▶ EXERCISE AIM:
Gather from the material every line that contains the string "SHEAR".

[[ DATA FOR THE TASK open ]]

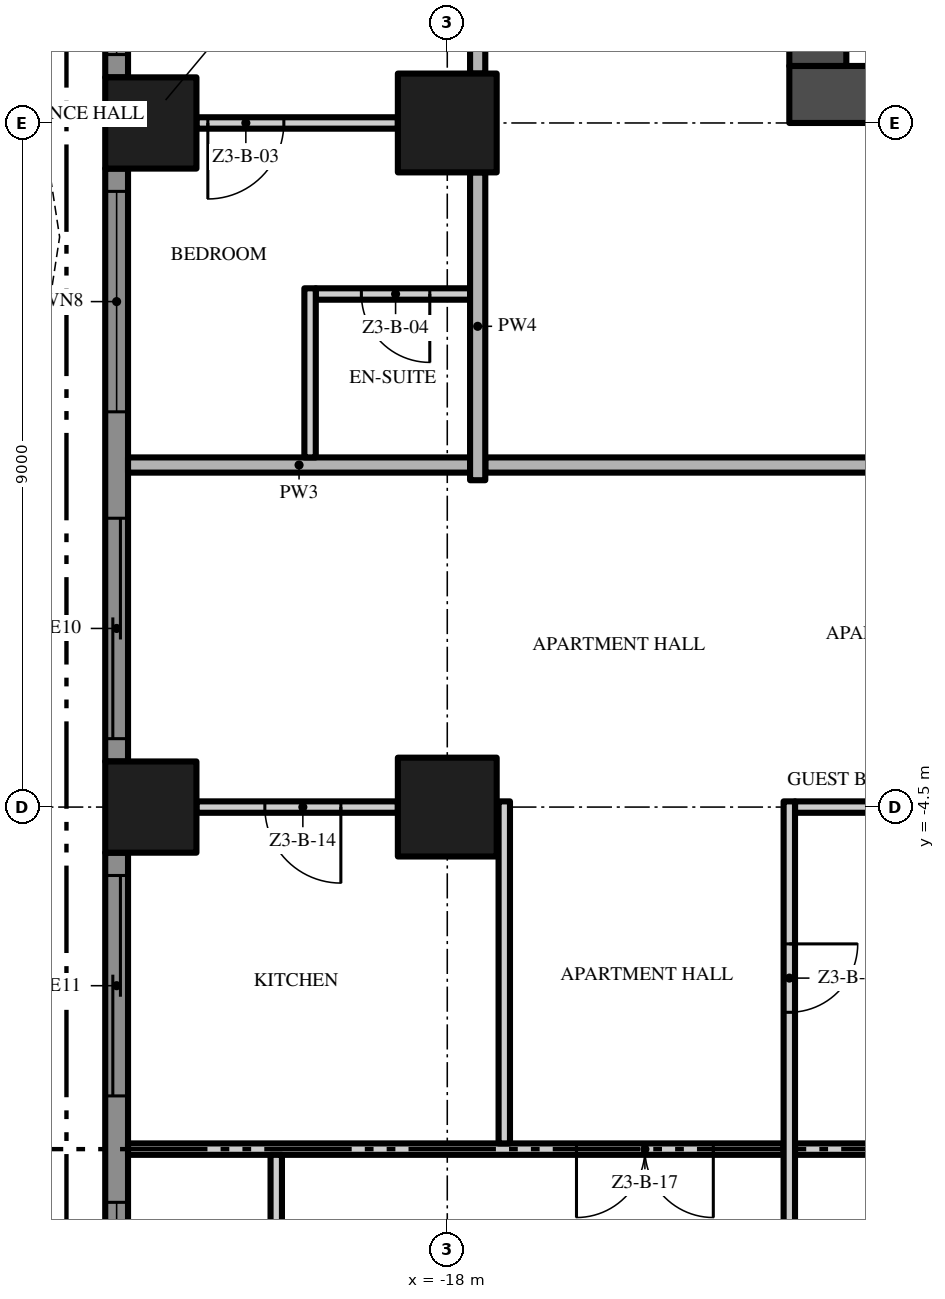
"""IFC4 building model, lengths in metres.
Left out: names, types, materials, properties, quantities, classifications, styles, units other than length and angle.
Written with IfcOpenShell. Run it as: python <this file> out.ifc"""

import sys

from ifc_helpers import new_model, si_unit, direction, frame, frame_2d, origin, origin_2d, place, context, subcontext, project, spatial, polyline, rectangle, outline, extrude, element, fill, save


model = new_model("IFC4")
c1 = context("Model", 3, precision=1e-05, world=origin(), true_north=direction((0.0, 1.0)))
c2 = subcontext(c1, "Body", "Model", "MODEL_VIEW")
j1 = project(units=[si_unit("LENGTHUNIT", "METRE"), si_unit("PLANEANGLEUNIT", "RADIAN")], contexts=[c1])
p1 = place(None, origin())
s1 = spatial("IfcSite", under=j1, at=p1, CompositionType="ELEMENT")
p2 = place(p1, origin())
s2 = spatial("IfcBuilding", under=s1, at=p2, CompositionType="ELEMENT")
p3 = place(p2, frame((0.0, 0.0, 136.4)))
s3 = spatial("IfcBuildingStorey", under=s2, at=p3, CompositionType="ELEMENT", Elevation=136.4)
p4 = place(p3, frame((-13.5, 4.875, -0.3), z_axis=(0.0, 0.0, 1.0), x_axis=(1.0, 0.0, 0.0)))
e1 = element("IfcWall", 1, at=p4, inside=s3, PredefinedType="SHEAR", context=c2, shape_type="SweptSolid", body=[
    extrude(rectangle(XDim=27.0, YDim=0.75, at=frame_2d((13.5, 0.0))), origin(), (0.0, 0.0, 1.0), 3.8),
])
p5 = place(p4, frame((12.0, 0.0, 0.3)))
e2 = element("IfcOpeningElement", 2, at=p5, cuts=e1, PredefinedType="OPENING", context=c2, shape_type="SweptSolid", body=[
    extrude(rectangle(XDim=3.0, YDim=2.4, at=frame_2d((1.5, 1.2))), frame((0.0, 0.385, 0.0), z_axis=(0.0, -1.0, 0.0), x_axis=(1.0, 0.0, 0.0)), (0.0, 0.0, 1.0), 0.77),
])
p6 = place(p4, frame((4.9, 0.0, 0.3)))
e3 = element("IfcOpeningElement", 3, at=p6, cuts=e1, PredefinedType="OPENING", context=c2, shape_type="SweptSolid", body=[
    extrude(rectangle(XDim=1.2, YDim=2.2, at=frame_2d((0.6, 1.1))), frame((0.0, 0.385, 0.0), z_axis=(0.0, -1.0, 0.0), x_axis=(1.0, 0.0, 0.0)), (0.0, 0.0, 1.0), 0.77),
])
p7 = place(p4, frame((20.75, 0.0, 0.3)))
e4 = element("IfcOpeningElement", 4, at=p7, cuts=e1, PredefinedType="OPENING", context=c2, shape_type="SweptSolid", body=[
    extrude(rectangle(XDim=1.5, YDim=2.2, at=frame_2d((0.75, 1.1))), frame((0.0, 0.385, 0.0), z_axis=(0.0, -1.0, 0.0), x_axis=(1.0, 0.0, 0.0)), (0.0, 0.0, 1.0), 0.77),
])
p8 = place(p4, frame((17.4, 0.0, 0.3)))
e5 = element("IfcOpeningElement", 5, at=p8, cuts=e1, PredefinedType="OPENING", context=c2, shape_type="SweptSolid", body=[
    extrude(rectangle(XDim=1.2, YDim=2.2, at=frame_2d((0.6, 1.1))), frame((0.0, 0.385, 0.0), z_axis=(0.0, -1.0, 0.0), x_axis=(1.0, 0.0, 0.0)), (0.0, 0.0, 1.0), 0.77),
])
p9 = place(p3, frame((-13.125, 21.75, -0.3), z_axis=(0.0, 0.0, 1.0), x_axis=(0.0, -1.0, 0.0)))
e6 = element("IfcWall", 6, at=p9, inside=s3, PredefinedType="SHEAR", context=c2, shape_type="SweptSolid", body=[
    extrude(rectangle(XDim=16.5, YDim=0.75, at=frame_2d((8.25, 0.0))), origin(), (0.0, 0.0, 1.0), 3.8),
])
p10 = place(p9, frame((9.15, 0.0, 0.3)))
e7 = element("IfcOpeningElement", 7, at=p10, cuts=e6, PredefinedType="OPENING", context=c2, shape_type="SweptSolid", body=[
    extrude(rectangle(XDim=1.2, YDim=2.2, at=frame_2d((0.6, 1.1))), frame((0.0, 0.385, 0.0), z_axis=(0.0, -1.0, 0.0), x_axis=(1.0, 0.0, 0.0)), (0.0, 0.0, 1.0), 0.77),
])
for number, where, z_axis, x_axis in (
    (8, (-18.0, -4.5, 0.0), (0.0, 0.0, 1.0), (1.0, 0.0, 0.0)),
    (9, (-18.0, 4.5, 0.0), (0.0, 0.0, 1.0), (1.0, 0.0, 0.0)),
):
    element("IfcColumn", number, at=place(p3, frame(where, z_axis=z_axis, x_axis=x_axis)), inside=s3, PredefinedType="COLUMN", context=c2, shape_type="SweptSolid", body=[
        extrude(rectangle(XDim=1.3, YDim=1.3, at=origin_2d()), origin(), (0.0, 0.0, 1.0), 3.5),
    ])
for number, where, z_axis, x_axis in (
    (10, (-21.9, -4.5, 0.0), (0.0, 0.0, 1.0), (1.0, 0.0, 0.0)),
    (11, (-21.9, 4.5, 0.0), (0.0, 0.0, 1.0), (1.0, 0.0, 0.0)),
):
    element("IfcColumn", number, at=place(p3, frame(where, z_axis=z_axis, x_axis=x_axis)), inside=s3, PredefinedType="COLUMN", context=c2, shape_type="SweptSolid", body=[
        extrude(rectangle(XDim=1.2, YDim=1.2, at=origin_2d()), origin(), (0.0, 0.0, 1.0), 3.5),
    ])
p11 = place(p3, frame((-22.35, 5.1, 0.0), z_axis=(0.0, 0.0, 1.0), x_axis=(0.0, 1.0, 0.0)))
e12 = element("IfcWall", 12, at=p11, inside=s3, PredefinedType="SOLIDWALL", context=c2, shape_type="SweptSolid", body=[
    extrude(rectangle(XDim=7.8, YDim=0.3, at=frame_2d((3.9, 0.0))), origin(), (0.0, 0.0, 1.0), 3.5),
])
p12 = place(p11, frame((4.6, 0.0, 0.0)))
e13 = element("IfcOpeningElement", 13, at=p12, cuts=e12, PredefinedType="OPENING", context=c2, shape_type="SweptSolid", body=[
    extrude(rectangle(XDim=2.9, YDim=2.4, at=frame_2d((1.45, 1.2))), frame((0.0, 0.16, 0.0), z_axis=(0.0, -1.0, 0.0), x_axis=(1.0, 0.0, 0.0)), (0.0, 0.0, 1.0), 0.32),
])
p13 = place(p11, frame((0.3, 0.0, 0.45)))
e14 = element("IfcOpeningElement", 14, at=p13, cuts=e12, PredefinedType="OPENING", context=c2, shape_type="SweptSolid", body=[
    extrude(rectangle(XDim=2.9, YDim=2.65, at=frame_2d((1.45, 1.325))), frame((0.0, 0.16, 0.0), z_axis=(0.0, -1.0, 0.0), x_axis=(1.0, 0.0, 0.0)), (0.0, 0.0, 1.0), 0.32),
])
p14 = place(p3, frame((-22.35, -3.9, 0.0), z_axis=(0.0, 0.0, 1.0), x_axis=(0.0, 1.0, 0.0)))
e15 = element("IfcWall", 15, at=p14, inside=s3, PredefinedType="SOLIDWALL", context=c2, shape_type="SweptSolid", body=[
    extrude(rectangle(XDim=7.8, YDim=0.3, at=frame_2d((3.9, 0.0))), origin(), (0.0, 0.0, 1.0), 3.5),
])
p15 = place(p14, frame((4.6, 0.0, 0.45)))
e16 = element("IfcOpeningElement", 16, at=p15, cuts=e15, PredefinedType="OPENING", context=c2, shape_type="SweptSolid", body=[
    extrude(rectangle(XDim=2.9, YDim=2.65, at=frame_2d((1.45, 1.325))), frame((0.0, 0.16, 0.0), z_axis=(0.0, -1.0, 0.0), x_axis=(1.0, 0.0, 0.0)), (0.0, 0.0, 1.0), 0.32),
])
p16 = place(p14, frame((0.3, 0.0, 0.0)))
e17 = element("IfcOpeningElement", 17, at=p16, cuts=e15, PredefinedType="OPENING", context=c2, shape_type="SweptSolid", body=[
    extrude(rectangle(XDim=2.9, YDim=2.4, at=frame_2d((1.45, 1.2))), frame((0.0, 0.16, 0.0), z_axis=(0.0, -1.0, 0.0), x_axis=(1.0, 0.0, 0.0)), (0.0, 0.0, 1.0), 0.32),
])
p17 = place(p3, frame((-22.35, -12.3, 0.0), z_axis=(0.0, 0.0, 1.0), x_axis=(0.0, 1.0, 0.0)))
e18 = element("IfcWall", 18, at=p17, inside=s3, PredefinedType="SOLIDWALL", context=c2, shape_type="SweptSolid", body=[
    extrude(rectangle(XDim=7.2, YDim=0.3, at=frame_2d((3.6, 0.0))), origin(), (0.0, 0.0, 1.0), 3.5),
])
p18 = place(p17, frame((4.0, 0.0, 0.0)))
e19 = element("IfcOpeningElement", 19, at=p18, cuts=e18, PredefinedType="OPENING", context=c2, shape_type="SweptSolid", body=[
    extrude(rectangle(XDim=2.9, YDim=2.4, at=frame_2d((1.45, 1.2))), frame((0.0, 0.16, 0.0), z_axis=(0.0, -1.0, 0.0), x_axis=(1.0, 0.0, 0.0)), (0.0, 0.0, 1.0), 0.32),
])
p19 = place(p17, frame((0.3, 0.0, 0.45)))
e20 = element("IfcOpeningElement", 20, at=p19, cuts=e18, PredefinedType="OPENING", context=c2, shape_type="SweptSolid", body=[
    extrude(rectangle(XDim=2.3, YDim=2.65, at=frame_2d((1.15, 1.325))), frame((0.0, 0.16, 0.0), z_axis=(0.0, -1.0, 0.0), x_axis=(1.0, 0.0, 0.0)), (0.0, 0.0, 1.0), 0.32),
])
p20 = place(p3, origin())
e21 = element("IfcWall", 21, at=p20, inside=s3, PredefinedType="USERDEFINED", context=c2, shape_type="SweptSolid", body=[
    extrude(outline(polyline([(-23.1, 18.0), (-23.329, 16.5), (-23.929, 15.0), (-24.671, 13.5), (-25.271, 12.0), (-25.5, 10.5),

[[ DATA FOR THE TASK closed ]]

▶ ANSWER SECTION:
e1 = element("IfcWall", 1, at=p4, inside=s3, PredefinedType="SHEAR", context=c2, shape_type="SweptSolid", body=[
e6 = element("IfcWall", 6, at=p9, inside=s3, PredefinedType="SHEAR", context=c2, shape_type="SweptSolid", body=[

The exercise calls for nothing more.